[Saved entries]
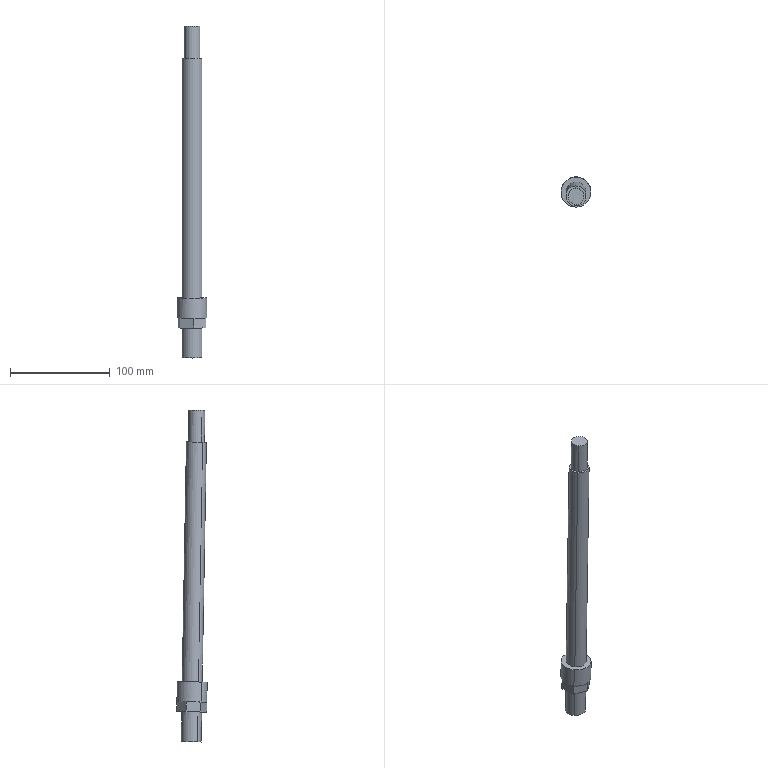Component | SolidWorks | SC63-50CylinderAxis-1 | 1 solid | 25 faces | box 30 x 30.39 x 332.26 mm | volume 111240 mm3 | plane 17 | cylinder 8 | commonest cylinder face diameters 20 x4 16 x2 30 x2
STEP:
#1=CARTESIAN_POINT('',(-1.02,48.421,1.561));
#2=VERTEX_POINT('',#1);
#3=CARTESIAN_POINT('',(-0.3966,48.901,1.569));
#4=VERTEX_POINT('',#3);
#5=CARTESIAN_POINT('',(-0.7085,48.661,1.565));
#6=DIRECTION('',(-0.,-0.01745,0.9998));
#7=DIRECTION('',(-0.7921,-0.6103,-0.01065));
#8=AXIS2_PLACEMENT_3D('',#5,#6,#7);
#9=CIRCLE('',#8,0.3937);
#10=EDGE_CURVE('',#2,#4,#9,.T.);
#11=ORIENTED_EDGE('',*,*,#10,.T.);
#12=CARTESIAN_POINT('',(-0.3966,48.881,2.75));
#13=VERTEX_POINT('',#12);
#14=CARTESIAN_POINT('',(-0.3966,48.673,14.638));
#15=DIRECTION('',(-0.,-0.01745,0.9998));
#16=VECTOR('',#15,39.37);
#17=LINE('',#14,#16);
#18=EDGE_CURVE('',#4,#13,#17,.T.);
#19=ORIENTED_EDGE('',*,*,#18,.T.);
#20=CARTESIAN_POINT('',(-1.02,48.4,2.742));
#21=VERTEX_POINT('',#20);
#22=CARTESIAN_POINT('',(-0.7085,48.641,2.746));
#23=DIRECTION('',(0.,0.01745,-0.9998));
#24=DIRECTION('',(0.7921,0.6103,0.01065));
#25=AXIS2_PLACEMENT_3D('',#22,#23,#24);
#26=CIRCLE('',#25,0.3937);
#27=EDGE_CURVE('',#13,#21,#26,.T.);
#28=ORIENTED_EDGE('',*,*,#27,.T.);
#29=CARTESIAN_POINT('',(-1.02,48.193,14.63));
#30=DIRECTION('',(-0.,-0.01745,0.9998));
#31=VECTOR('',#30,39.37);
#32=LINE('',#29,#31);
#33=EDGE_CURVE('',#2,#21,#32,.T.);
#34=ORIENTED_EDGE('',*,*,#33,.F.);
#35=EDGE_LOOP('',(#11,#19,#28,#34));
#36=FACE_OUTER_BOUND('',#35,.T.);
#37=CARTESIAN_POINT('',(-0.7085,48.433,14.634));
#38=DIRECTION('',(-0.,-0.01745,0.9998));
#39=DIRECTION('',(-0.7921,-0.6103,-0.01065));
#40=AXIS2_PLACEMENT_3D('',#37,#38,#39);
#41=CYLINDRICAL_SURFACE('',#40,0.3937);
#42=ADVANCED_FACE('',(#36),#41,.T.);
#43=CARTESIAN_POINT('',(-0.958,48.263,13.371));
#44=VERTEX_POINT('',#43);
#45=CARTESIAN_POINT('',(-0.459,48.647,13.378));
#46=VERTEX_POINT('',#45);
#47=CARTESIAN_POINT('',(-0.7085,48.455,13.374));
#48=DIRECTION('',(-0.,-0.01745,0.9998));
#49=DIRECTION('',(-0.7921,-0.6103,-0.01065));
#50=AXIS2_PLACEMENT_3D('',#47,#48,#49);
#51=CIRCLE('',#50,0.315);
#52=EDGE_CURVE('',#44,#46,#51,.T.);
#53=ORIENTED_EDGE('',*,*,#52,.T.);
#54=CARTESIAN_POINT('',(-0.459,48.625,14.637));
#55=VERTEX_POINT('',#54);
#56=CARTESIAN_POINT('',(-0.459,48.625,14.637));
#57=DIRECTION('',(-0.,-0.01745,0.9998));
#58=VECTOR('',#57,39.37);
#59=LINE('',#56,#58);
#60=EDGE_CURVE('',#46,#55,#59,.T.);
#61=ORIENTED_EDGE('',*,*,#60,.T.);
#62=CARTESIAN_POINT('',(-0.958,48.241,14.63));
#63=VERTEX_POINT('',#62);
#64=CARTESIAN_POINT('',(-0.7085,48.433,14.634));
#65=DIRECTION('',(-0.,-0.01745,0.9998));
#66=DIRECTION('',(-0.7921,-0.6103,-0.01065));
#67=AXIS2_PLACEMENT_3D('',#64,#65,#66);
#68=CIRCLE('',#67,0.315);
#69=EDGE_CURVE('',#63,#55,#68,.T.);
#70=ORIENTED_EDGE('',*,*,#69,.F.);
#71=CARTESIAN_POINT('',(-0.958,48.241,14.63));
#72=DIRECTION('',(-0.,-0.01745,0.9998));
#73=VECTOR('',#72,39.37);
#74=LINE('',#71,#73);
#75=EDGE_CURVE('',#44,#63,#74,.T.);
#76=ORIENTED_EDGE('',*,*,#75,.F.);
#77=EDGE_LOOP('',(#53,#61,#70,#76));
#78=FACE_OUTER_BOUND('',#77,.T.);
#79=CARTESIAN_POINT('',(-0.7085,48.433,14.634));
#80=DIRECTION('',(-0.,-0.01745,0.9998));
#81=DIRECTION('',(-0.7921,-0.6103,-0.01065));
#82=AXIS2_PLACEMENT_3D('',#79,#80,#81);
#83=CYLINDRICAL_SURFACE('',#82,0.315);
#84=ADVANCED_FACE('',(#78),#83,.T.);
#85=CARTESIAN_POINT('',(-0.3966,48.86,3.931));
#86=VERTEX_POINT('',#85);
#87=CARTESIAN_POINT('',(-1.02,48.38,3.923));
#88=VERTEX_POINT('',#87);
#89=CARTESIAN_POINT('',(-0.7085,48.62,3.927));
#90=DIRECTION('',(0.,0.01745,-0.9998));
#91=DIRECTION('',(0.7921,0.6103,0.01065));
#92=AXIS2_PLACEMENT_3D('',#89,#90,#91);
#93=CIRCLE('',#92,0.3937);
#94=EDGE_CURVE('',#86,#88,#93,.T.);
#95=ORIENTED_EDGE('',*,*,#94,.F.);
#96=CARTESIAN_POINT('',(-0.3966,48.695,13.378));
#97=VERTEX_POINT('',#96);
#98=CARTESIAN_POINT('',(-0.3966,48.673,14.638));
#99=DIRECTION('',(-0.,-0.01745,0.9998));
#100=VECTOR('',#99,39.37);
#101=LINE('',#98,#100);
#102=EDGE_CURVE('',#86,#97,#101,.T.);
#103=ORIENTED_EDGE('',*,*,#102,.T.);
#104=CARTESIAN_POINT('',(-1.02,48.215,13.37));
#105=VERTEX_POINT('',#104);
#106=CARTESIAN_POINT('',(-0.7085,48.455,13.374));
#107=DIRECTION('',(-0.,-0.01745,0.9998));
#108=DIRECTION('',(-0.7921,-0.6103,-0.01065));
#109=AXIS2_PLACEMENT_3D('',#106,#107,#108);
#110=CIRCLE('',#109,0.3937);
#111=EDGE_CURVE('',#105,#97,#110,.T.);
#112=ORIENTED_EDGE('',*,*,#111,.F.);
#113=CARTESIAN_POINT('',(-1.02,48.193,14.63));
#114=DIRECTION('',(-0.,-0.01745,0.9998));
#115=VECTOR('',#114,39.37);
#116=LINE('',#113,#115);
#117=EDGE_CURVE('',#88,#105,#116,.T.);
#118=ORIENTED_EDGE('',*,*,#117,.F.);
#119=EDGE_LOOP('',(#95,#103,#112,#118));
#120=FACE_OUTER_BOUND('',#119,.T.);
#121=CARTESIAN_POINT('',(-0.7085,48.433,14.634));
#122=DIRECTION('',(-0.,-0.01745,0.9998));
#123=DIRECTION('',(-0.7921,-0.6103,-0.01065));
#124=AXIS2_PLACEMENT_3D('',#121,#122,#123);
#125=CYLINDRICAL_SURFACE('',#124,0.3937);
#126=ADVANCED_FACE('',(#120),#125,.T.);
#127=CARTESIAN_POINT('',(-0.2407,48.98,3.933));
#128=VERTEX_POINT('',#127);
#129=CARTESIAN_POINT('',(-1.176,48.26,3.92));
#130=VERTEX_POINT('',#129);
#131=CARTESIAN_POINT('',(-0.7085,48.62,3.927));
#132=DIRECTION('',(0.,0.01745,-0.9998));
#133=DIRECTION('',(0.7921,0.6103,0.01065));
#134=AXIS2_PLACEMENT_3D('',#131,#132,#133);
#135=CIRCLE('',#134,0.5906);
#136=EDGE_CURVE('',#128,#130,#135,.T.);
#137=ORIENTED_EDGE('',*,*,#136,.T.);
#138=CARTESIAN_POINT('',(-1.176,48.273,3.133));
#139=VERTEX_POINT('',#138);
#140=CARTESIAN_POINT('',(-1.176,48.26,3.92));
#141=DIRECTION('',(0.,0.01745,-0.9998));
#142=VECTOR('',#141,39.37);
#143=LINE('',#140,#142);
#144=EDGE_CURVE('',#130,#139,#143,.T.);
#145=ORIENTED_EDGE('',*,*,#144,.T.);
#146=CARTESIAN_POINT('',(-0.6302,48.048,3.129));
#147=VERTEX_POINT('',#146);
#148=CARTESIAN_POINT('',(-0.7085,48.634,3.139));
#149=DIRECTION('',(-0.,-0.01745,0.9998));
#150=DIRECTION('',(0.7921,0.6103,0.01065));
#151=AXIS2_PLACEMENT_3D('',#148,#149,#150);
#152=CIRCLE('',#151,0.5906);
#153=EDGE_CURVE('',#139,#147,#152,.T.);
#154=ORIENTED_EDGE('',*,*,#153,.T.);
#155=CARTESIAN_POINT('',(-0.1625,48.409,3.136));
#156=VERTEX_POINT('',#155);
#157=CARTESIAN_POINT('',(-0.7085,48.634,3.139));
#158=DIRECTION('',(-0.,-0.01745,0.9998));
#159=DIRECTION('',(0.7921,0.6103,0.01065));
#160=AXIS2_PLACEMENT_3D('',#157,#158,#159);
#161=CIRCLE('',#160,0.5906);
#162=EDGE_CURVE('',#147,#156,#161,.T.);
#163=ORIENTED_EDGE('',*,*,#162,.T.);
#164=CARTESIAN_POINT('',(-0.2407,48.994,3.146));
#165=VERTEX_POINT('',#164);
#166=CARTESIAN_POINT('',(-0.7085,48.634,3.139));
#167=DIRECTION('',(-0.,-0.01745,0.9998));
#168=DIRECTION('',(0.7921,0.6103,0.01065));
#169=AXIS2_PLACEMENT_3D('',#166,#167,#168);
#170=CIRCLE('',#169,0.5906);
#171=EDGE_CURVE('',#156,#165,#170,.T.);
#172=ORIENTED_EDGE('',*,*,#171,.T.);
#173=CARTESIAN_POINT('',(-0.2407,48.98,3.933));
#174=DIRECTION('',(0.,0.01745,-0.9998));
#175=VECTOR('',#174,39.37);
#176=LINE('',#173,#175);
#177=EDGE_CURVE('',#128,#165,#176,.T.);
#178=ORIENTED_EDGE('',*,*,#177,.F.);
#179=EDGE_LOOP('',(#137,#145,#154,#163,#172,#178));
#180=FACE_OUTER_BOUND('',#179,.T.);
#181=CARTESIAN_POINT('',(-0.7085,48.62,3.927));
#182=DIRECTION('',(0.,0.01745,-0.9998));
#183=DIRECTION('',(0.7921,0.6103,0.01065));
#184=AXIS2_PLACEMENT_3D('',#181,#182,#183);
#185=CYLINDRICAL_SURFACE('',#184,0.5906);
#186=ADVANCED_FACE('',(#180),#185,.T.);
#187=ORIENTED_EDGE('',*,*,#144,.F.);
#188=CARTESIAN_POINT('',(-0.7085,48.62,3.927));
#189=DIRECTION('',(0.,0.01745,-0.9998));
#190=DIRECTION('',(0.7921,0.6103,0.01065));
#191=AXIS2_PLACEMENT_3D('',#188,#189,#190);
#192=CIRCLE('',#191,0.5906);
#193=EDGE_CURVE('',#130,#128,#192,.T.);
#194=ORIENTED_EDGE('',*,*,#193,.T.);
#195=ORIENTED_EDGE('',*,*,#177,.T.);
#196=CARTESIAN_POINT('',(-0.7868,49.219,3.15));
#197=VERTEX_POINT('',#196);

Problem to solve -
The lines above from the one containing "#4=VERTEX_POINT('',#3);" through the one containing "#16=VECTOR('',#15,39.37);" are to be set down exactly, and no others.

Answer to this task -
#4=VERTEX_POINT('',#3);
#5=CARTESIAN_POINT('',(-0.7085,48.661,1.565));
#6=DIRECTION('',(-0.,-0.01745,0.9998));
#7=DIRECTION('',(-0.7921,-0.6103,-0.01065));
#8=AXIS2_PLACEMENT_3D('',#5,#6,#7);
#9=CIRCLE('',#8,0.3937);
#10=EDGE_CURVE('',#2,#4,#9,.T.);
#11=ORIENTED_EDGE('',*,*,#10,.T.);
#12=CARTESIAN_POINT('',(-0.3966,48.881,2.75));
#13=VERTEX_POINT('',#12);
#14=CARTESIAN_POINT('',(-0.3966,48.673,14.638));
#15=DIRECTION('',(-0.,-0.01745,0.9998));
#16=VECTOR('',#15,39.37);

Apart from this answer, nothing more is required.